[Work request]
Return the records as they stand. No picture is to be included.

[Records to process]

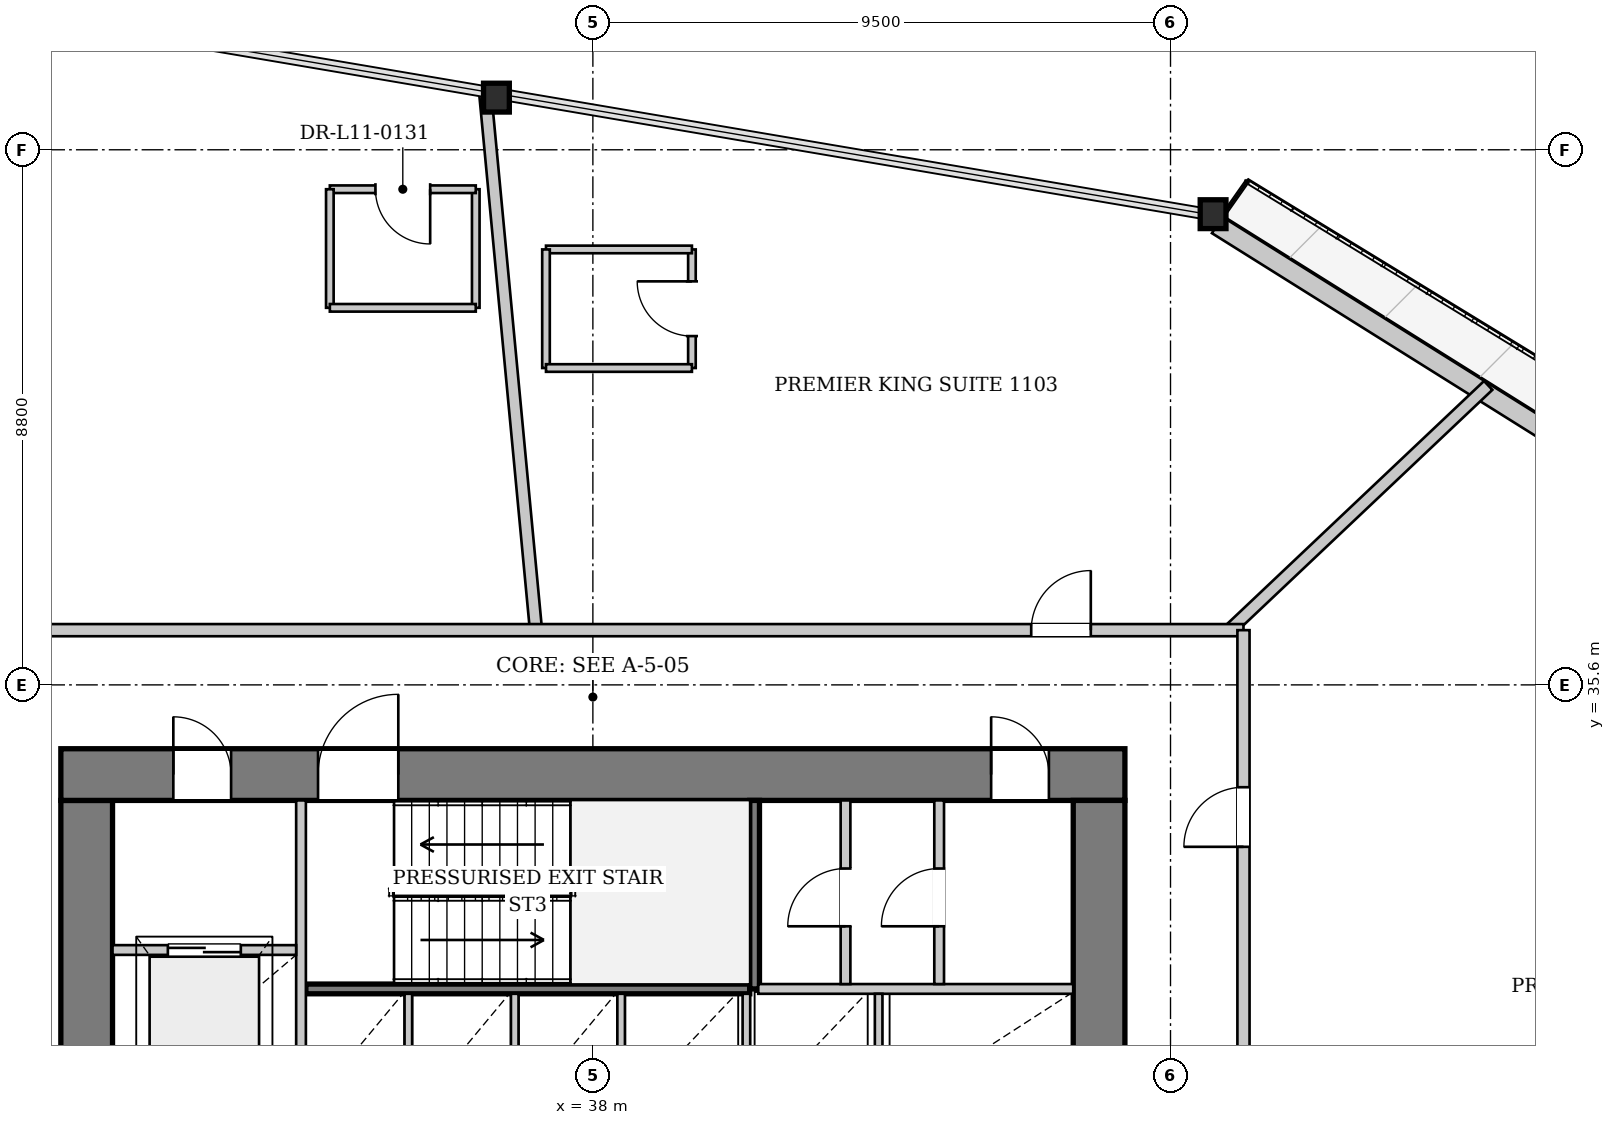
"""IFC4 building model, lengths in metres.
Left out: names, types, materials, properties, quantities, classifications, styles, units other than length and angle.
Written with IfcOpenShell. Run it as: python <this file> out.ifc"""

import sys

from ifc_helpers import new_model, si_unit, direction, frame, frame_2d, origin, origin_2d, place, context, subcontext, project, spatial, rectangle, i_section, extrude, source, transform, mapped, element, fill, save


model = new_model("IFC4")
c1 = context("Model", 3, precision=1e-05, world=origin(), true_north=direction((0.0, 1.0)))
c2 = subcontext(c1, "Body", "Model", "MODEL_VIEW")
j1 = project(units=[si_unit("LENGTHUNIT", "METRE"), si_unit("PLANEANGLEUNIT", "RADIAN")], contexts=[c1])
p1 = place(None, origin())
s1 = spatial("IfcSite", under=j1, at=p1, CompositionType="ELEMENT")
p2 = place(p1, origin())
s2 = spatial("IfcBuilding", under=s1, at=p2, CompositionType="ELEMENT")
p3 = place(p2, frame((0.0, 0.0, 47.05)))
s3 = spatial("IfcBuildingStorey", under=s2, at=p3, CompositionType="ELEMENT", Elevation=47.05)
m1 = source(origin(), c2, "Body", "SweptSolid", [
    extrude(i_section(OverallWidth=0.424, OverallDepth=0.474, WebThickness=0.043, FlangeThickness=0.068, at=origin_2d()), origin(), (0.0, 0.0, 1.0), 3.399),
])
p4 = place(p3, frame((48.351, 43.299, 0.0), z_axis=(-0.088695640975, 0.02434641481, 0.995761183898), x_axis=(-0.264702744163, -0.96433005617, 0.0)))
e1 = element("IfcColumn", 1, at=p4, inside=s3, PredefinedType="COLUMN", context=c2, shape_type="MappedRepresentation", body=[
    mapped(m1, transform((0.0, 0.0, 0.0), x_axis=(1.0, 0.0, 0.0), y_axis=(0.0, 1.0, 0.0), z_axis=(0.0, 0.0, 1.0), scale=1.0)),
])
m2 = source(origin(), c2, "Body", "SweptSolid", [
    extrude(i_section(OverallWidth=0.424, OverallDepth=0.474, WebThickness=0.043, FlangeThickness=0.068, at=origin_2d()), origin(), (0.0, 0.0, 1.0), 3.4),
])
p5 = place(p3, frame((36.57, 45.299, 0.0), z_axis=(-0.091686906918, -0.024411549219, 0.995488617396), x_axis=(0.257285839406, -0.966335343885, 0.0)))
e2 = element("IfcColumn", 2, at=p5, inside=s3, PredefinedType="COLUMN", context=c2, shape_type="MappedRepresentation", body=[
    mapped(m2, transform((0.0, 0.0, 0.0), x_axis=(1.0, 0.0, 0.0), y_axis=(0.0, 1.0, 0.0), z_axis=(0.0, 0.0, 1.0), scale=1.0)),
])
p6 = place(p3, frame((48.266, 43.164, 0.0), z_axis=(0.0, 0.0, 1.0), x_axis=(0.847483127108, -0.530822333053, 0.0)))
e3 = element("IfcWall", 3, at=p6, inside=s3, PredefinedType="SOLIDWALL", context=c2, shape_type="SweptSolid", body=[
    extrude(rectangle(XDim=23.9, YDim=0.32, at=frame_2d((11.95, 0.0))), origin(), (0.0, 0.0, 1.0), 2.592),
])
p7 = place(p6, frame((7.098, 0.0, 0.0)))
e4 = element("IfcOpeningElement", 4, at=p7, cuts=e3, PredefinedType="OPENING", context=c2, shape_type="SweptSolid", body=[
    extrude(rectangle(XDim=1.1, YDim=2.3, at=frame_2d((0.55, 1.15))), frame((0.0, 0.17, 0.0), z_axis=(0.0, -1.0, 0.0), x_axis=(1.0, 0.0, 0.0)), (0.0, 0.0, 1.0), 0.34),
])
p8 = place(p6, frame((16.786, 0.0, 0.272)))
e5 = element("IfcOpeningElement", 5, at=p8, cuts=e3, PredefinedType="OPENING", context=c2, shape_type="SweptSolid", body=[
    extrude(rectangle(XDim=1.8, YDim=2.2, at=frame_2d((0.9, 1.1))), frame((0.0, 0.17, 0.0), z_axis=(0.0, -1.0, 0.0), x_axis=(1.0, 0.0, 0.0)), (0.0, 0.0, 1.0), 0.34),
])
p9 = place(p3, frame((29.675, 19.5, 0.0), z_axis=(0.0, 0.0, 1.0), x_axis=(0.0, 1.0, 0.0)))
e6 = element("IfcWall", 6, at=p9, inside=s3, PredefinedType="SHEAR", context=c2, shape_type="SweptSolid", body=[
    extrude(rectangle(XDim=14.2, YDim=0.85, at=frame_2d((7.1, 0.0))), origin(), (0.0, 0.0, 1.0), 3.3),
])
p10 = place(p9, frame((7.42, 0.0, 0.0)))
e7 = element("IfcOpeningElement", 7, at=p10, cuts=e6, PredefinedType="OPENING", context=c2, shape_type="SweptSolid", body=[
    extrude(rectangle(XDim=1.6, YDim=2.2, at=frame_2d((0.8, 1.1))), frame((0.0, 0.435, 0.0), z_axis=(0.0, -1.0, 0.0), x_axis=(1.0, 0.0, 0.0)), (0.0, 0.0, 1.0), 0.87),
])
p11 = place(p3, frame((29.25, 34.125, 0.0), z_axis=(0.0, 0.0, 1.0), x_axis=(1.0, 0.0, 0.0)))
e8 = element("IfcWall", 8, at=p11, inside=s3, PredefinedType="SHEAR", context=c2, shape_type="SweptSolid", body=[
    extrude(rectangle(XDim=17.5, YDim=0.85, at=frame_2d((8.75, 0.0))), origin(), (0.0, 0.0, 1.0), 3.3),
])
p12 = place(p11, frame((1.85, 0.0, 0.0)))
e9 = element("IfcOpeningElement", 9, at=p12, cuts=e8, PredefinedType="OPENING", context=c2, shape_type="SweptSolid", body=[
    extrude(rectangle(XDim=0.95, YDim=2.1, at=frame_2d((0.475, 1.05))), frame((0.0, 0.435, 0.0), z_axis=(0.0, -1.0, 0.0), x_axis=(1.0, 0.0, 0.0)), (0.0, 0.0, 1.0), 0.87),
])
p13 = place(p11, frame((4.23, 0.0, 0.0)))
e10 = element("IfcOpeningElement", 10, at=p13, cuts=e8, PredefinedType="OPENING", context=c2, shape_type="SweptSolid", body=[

[Your response]
"""IFC4 building model, lengths in metres.
Left out: names, types, materials, properties, quantities, classifications, styles, units other than length and angle.
Written with IfcOpenShell. Run it as: python <this file> out.ifc"""

import sys

from ifc_helpers import new_model, si_unit, direction, frame, frame_2d, origin, origin_2d, place, context, subcontext, project, spatial, rectangle, i_section, extrude, source, transform, mapped, element, fill, save


model = new_model("IFC4")
c1 = context("Model", 3, precision=1e-05, world=origin(), true_north=direction((0.0, 1.0)))
c2 = subcontext(c1, "Body", "Model", "MODEL_VIEW")
j1 = project(units=[si_unit("LENGTHUNIT", "METRE"), si_unit("PLANEANGLEUNIT", "RADIAN")], contexts=[c1])
p1 = place(None, origin())
s1 = spatial("IfcSite", under=j1, at=p1, CompositionType="ELEMENT")
p2 = place(p1, origin())
s2 = spatial("IfcBuilding", under=s1, at=p2, CompositionType="ELEMENT")
p3 = place(p2, frame((0.0, 0.0, 47.05)))
s3 = spatial("IfcBuildingStorey", under=s2, at=p3, CompositionType="ELEMENT", Elevation=47.05)
m1 = source(origin(), c2, "Body", "SweptSolid", [
    extrude(i_section(OverallWidth=0.424, OverallDepth=0.474, WebThickness=0.043, FlangeThickness=0.068, at=origin_2d()), origin(), (0.0, 0.0, 1.0), 3.399),
])
p4 = place(p3, frame((48.351, 43.299, 0.0), z_axis=(-0.088695640975, 0.02434641481, 0.995761183898), x_axis=(-0.264702744163, -0.96433005617, 0.0)))
e1 = element("IfcColumn", 1, at=p4, inside=s3, PredefinedType="COLUMN", context=c2, shape_type="MappedRepresentation", body=[
    mapped(m1, transform((0.0, 0.0, 0.0), x_axis=(1.0, 0.0, 0.0), y_axis=(0.0, 1.0, 0.0), z_axis=(0.0, 0.0, 1.0), scale=1.0)),
])
m2 = source(origin(), c2, "Body", "SweptSolid", [
    extrude(i_section(OverallWidth=0.424, OverallDepth=0.474, WebThickness=0.043, FlangeThickness=0.068, at=origin_2d()), origin(), (0.0, 0.0, 1.0), 3.4),
])
p5 = place(p3, frame((36.57, 45.299, 0.0), z_axis=(-0.091686906918, -0.024411549219, 0.995488617396), x_axis=(0.257285839406, -0.966335343885, 0.0)))
e2 = element("IfcColumn", 2, at=p5, inside=s3, PredefinedType="COLUMN", context=c2, shape_type="MappedRepresentation", body=[
    mapped(m2, transform((0.0, 0.0, 0.0), x_axis=(1.0, 0.0, 0.0), y_axis=(0.0, 1.0, 0.0), z_axis=(0.0, 0.0, 1.0), scale=1.0)),
])
p6 = place(p3, frame((48.266, 43.164, 0.0), z_axis=(0.0, 0.0, 1.0), x_axis=(0.847483127108, -0.530822333053, 0.0)))
e3 = element("IfcWall", 3, at=p6, inside=s3, PredefinedType="SOLIDWALL", context=c2, shape_type="SweptSolid", body=[
    extrude(rectangle(XDim=23.9, YDim=0.32, at=frame_2d((11.95, 0.0))), origin(), (0.0, 0.0, 1.0), 2.592),
])
p7 = place(p6, frame((7.098, 0.0, 0.0)))
e4 = element("IfcOpeningElement", 4, at=p7, cuts=e3, PredefinedType="OPENING", context=c2, shape_type="SweptSolid", body=[
    extrude(rectangle(XDim=1.1, YDim=2.3, at=frame_2d((0.55, 1.15))), frame((0.0, 0.17, 0.0), z_axis=(0.0, -1.0, 0.0), x_axis=(1.0, 0.0, 0.0)), (0.0, 0.0, 1.0), 0.34),
])
p8 = place(p6, frame((16.786, 0.0, 0.272)))
e5 = element("IfcOpeningElement", 5, at=p8, cuts=e3, PredefinedType="OPENING", context=c2, shape_type="SweptSolid", body=[
    extrude(rectangle(XDim=1.8, YDim=2.2, at=frame_2d((0.9, 1.1))), frame((0.0, 0.17, 0.0), z_axis=(0.0, -1.0, 0.0), x_axis=(1.0, 0.0, 0.0)), (0.0, 0.0, 1.0), 0.34),
])
p9 = place(p3, frame((29.675, 19.5, 0.0), z_axis=(0.0, 0.0, 1.0), x_axis=(0.0, 1.0, 0.0)))
e6 = element("IfcWall", 6, at=p9, inside=s3, PredefinedType="SHEAR", context=c2, shape_type="SweptSolid", body=[
    extrude(rectangle(XDim=14.2, YDim=0.85, at=frame_2d((7.1, 0.0))), origin(), (0.0, 0.0, 1.0), 3.3),
])
p10 = place(p9, frame((7.42, 0.0, 0.0)))
e7 = element("IfcOpeningElement", 7, at=p10, cuts=e6, PredefinedType="OPENING", context=c2, shape_type="SweptSolid", body=[
    extrude(rectangle(XDim=1.6, YDim=2.2, at=frame_2d((0.8, 1.1))), frame((0.0, 0.435, 0.0), z_axis=(0.0, -1.0, 0.0), x_axis=(1.0, 0.0, 0.0)), (0.0, 0.0, 1.0), 0.87),
])
p11 = place(p3, frame((29.25, 34.125, 0.0), z_axis=(0.0, 0.0, 1.0), x_axis=(1.0, 0.0, 0.0)))
e8 = element("IfcWall", 8, at=p11, inside=s3, PredefinedType="SHEAR", context=c2, shape_type="SweptSolid", body=[
    extrude(rectangle(XDim=17.5, YDim=0.85, at=frame_2d((8.75, 0.0))), origin(), (0.0, 0.0, 1.0), 3.3),
])
p12 = place(p11, frame((1.85, 0.0, 0.0)))
e9 = element("IfcOpeningElement", 9, at=p12, cuts=e8, PredefinedType="OPENING", context=c2, shape_type="SweptSolid", body=[
    extrude(rectangle(XDim=0.95, YDim=2.1, at=frame_2d((0.475, 1.05))), frame((0.0, 0.435, 0.0), z_axis=(0.0, -1.0, 0.0), x_axis=(1.0, 0.0, 0.0)), (0.0, 0.0, 1.0), 0.87),
])
p13 = place(p11, frame((4.23, 0.0, 0.0)))
e10 = element("IfcOpeningElement", 10, at=p13, cuts=e8, PredefinedType="OPENING", context=c2, shape_type="SweptSolid", body=[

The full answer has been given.